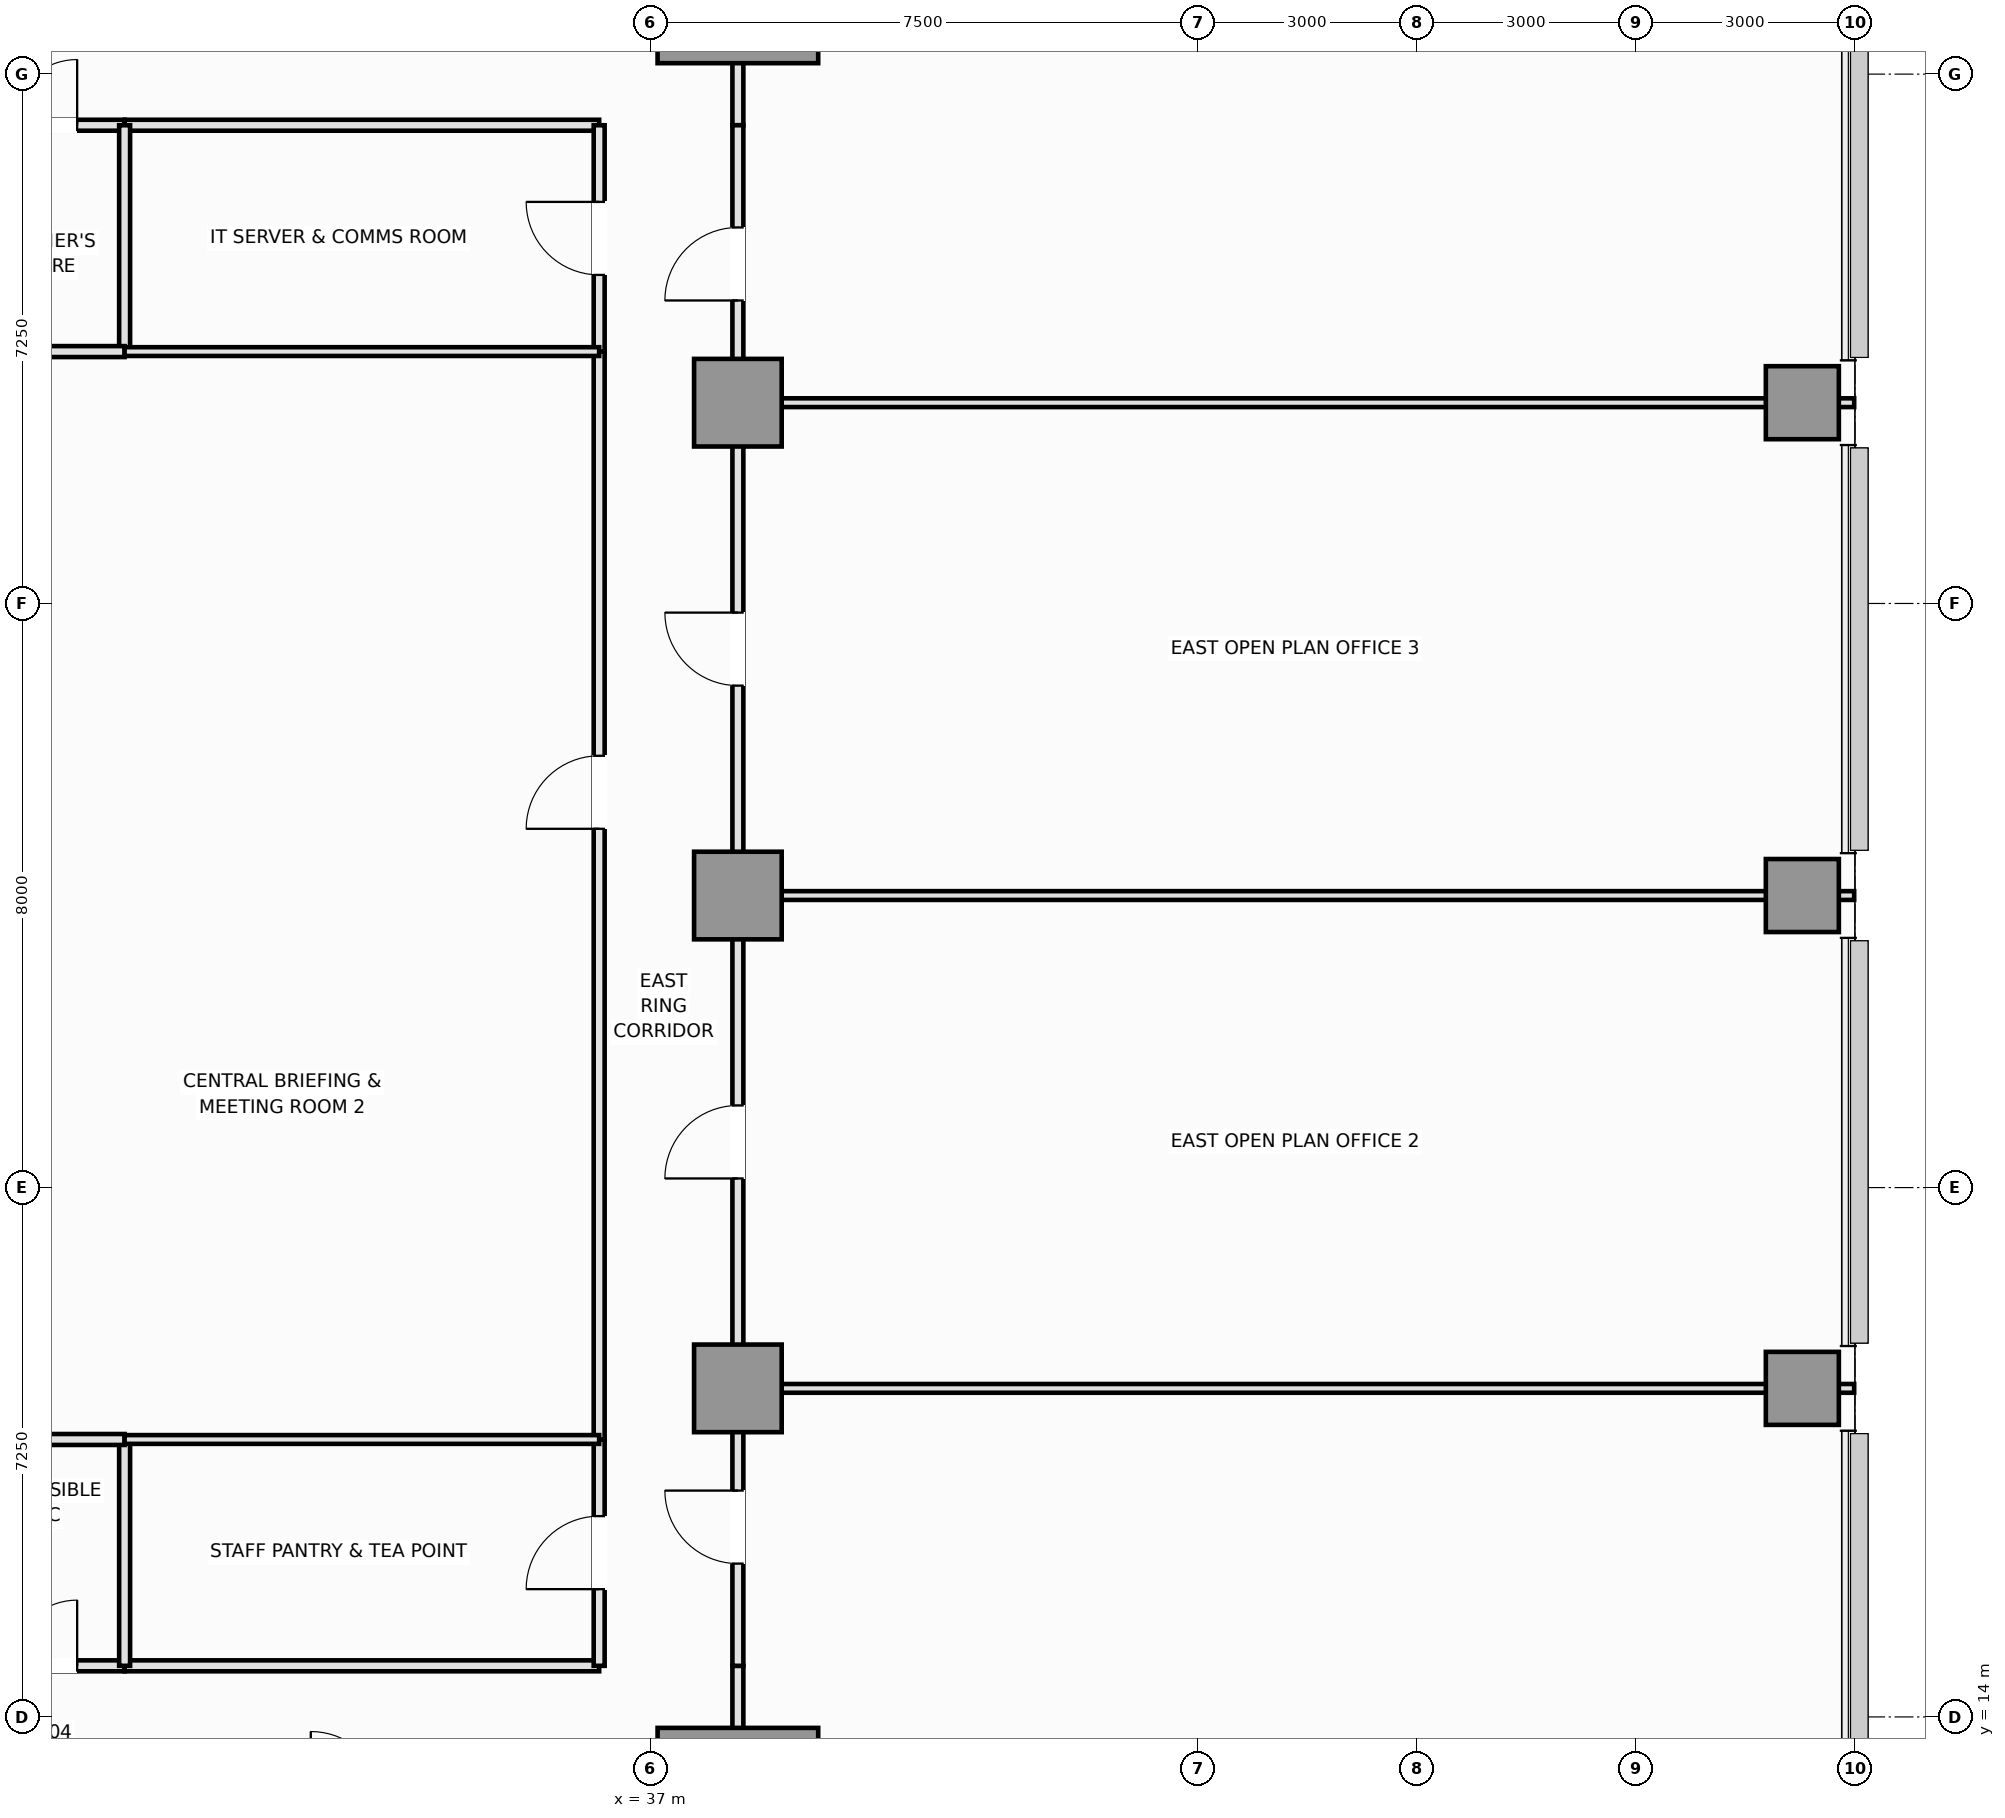
"""IFC4 building model, lengths in metres.
Left out: names, types, materials, properties, quantities, classifications, styles, units other than length and angle.
Written with IfcOpenShell. Run it as: python <this file> out.ifc"""

import sys

from ifc_helpers import new_model, si_unit, direction, frame, frame_2d, origin, origin_2d, place, context, subcontext, project, spatial, rectangle, extrude, element, fill, save


model = new_model("IFC4")
c1 = context("Model", 3, precision=1e-05, world=origin(), true_north=direction((0.0, 1.0)))
c2 = subcontext(c1, "Body", "Model", "MODEL_VIEW")
j1 = project(units=[si_unit("LENGTHUNIT", "METRE"), si_unit("PLANEANGLEUNIT", "RADIAN")], contexts=[c1])
p1 = place(None, origin())
s1 = spatial("IfcSite", under=j1, at=p1, CompositionType="ELEMENT")
p2 = place(p1, origin())
s2 = spatial("IfcBuilding", under=s1, at=p2, CompositionType="ELEMENT")
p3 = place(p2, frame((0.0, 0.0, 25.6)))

*****

Task directions
Every line in the listing that holds "spatial" belongs in the answer.

Task solution
from ifc_helpers import new_model, si_unit, direction, frame, frame_2d, origin, origin_2d, place, context, subcontext, project, spatial, rectangle, extrude, element, fill, save
s1 = spatial("IfcSite", under=j1, at=p1, CompositionType="ELEMENT")
s2 = spatial("IfcBuilding", under=s1, at=p2, CompositionType="ELEMENT")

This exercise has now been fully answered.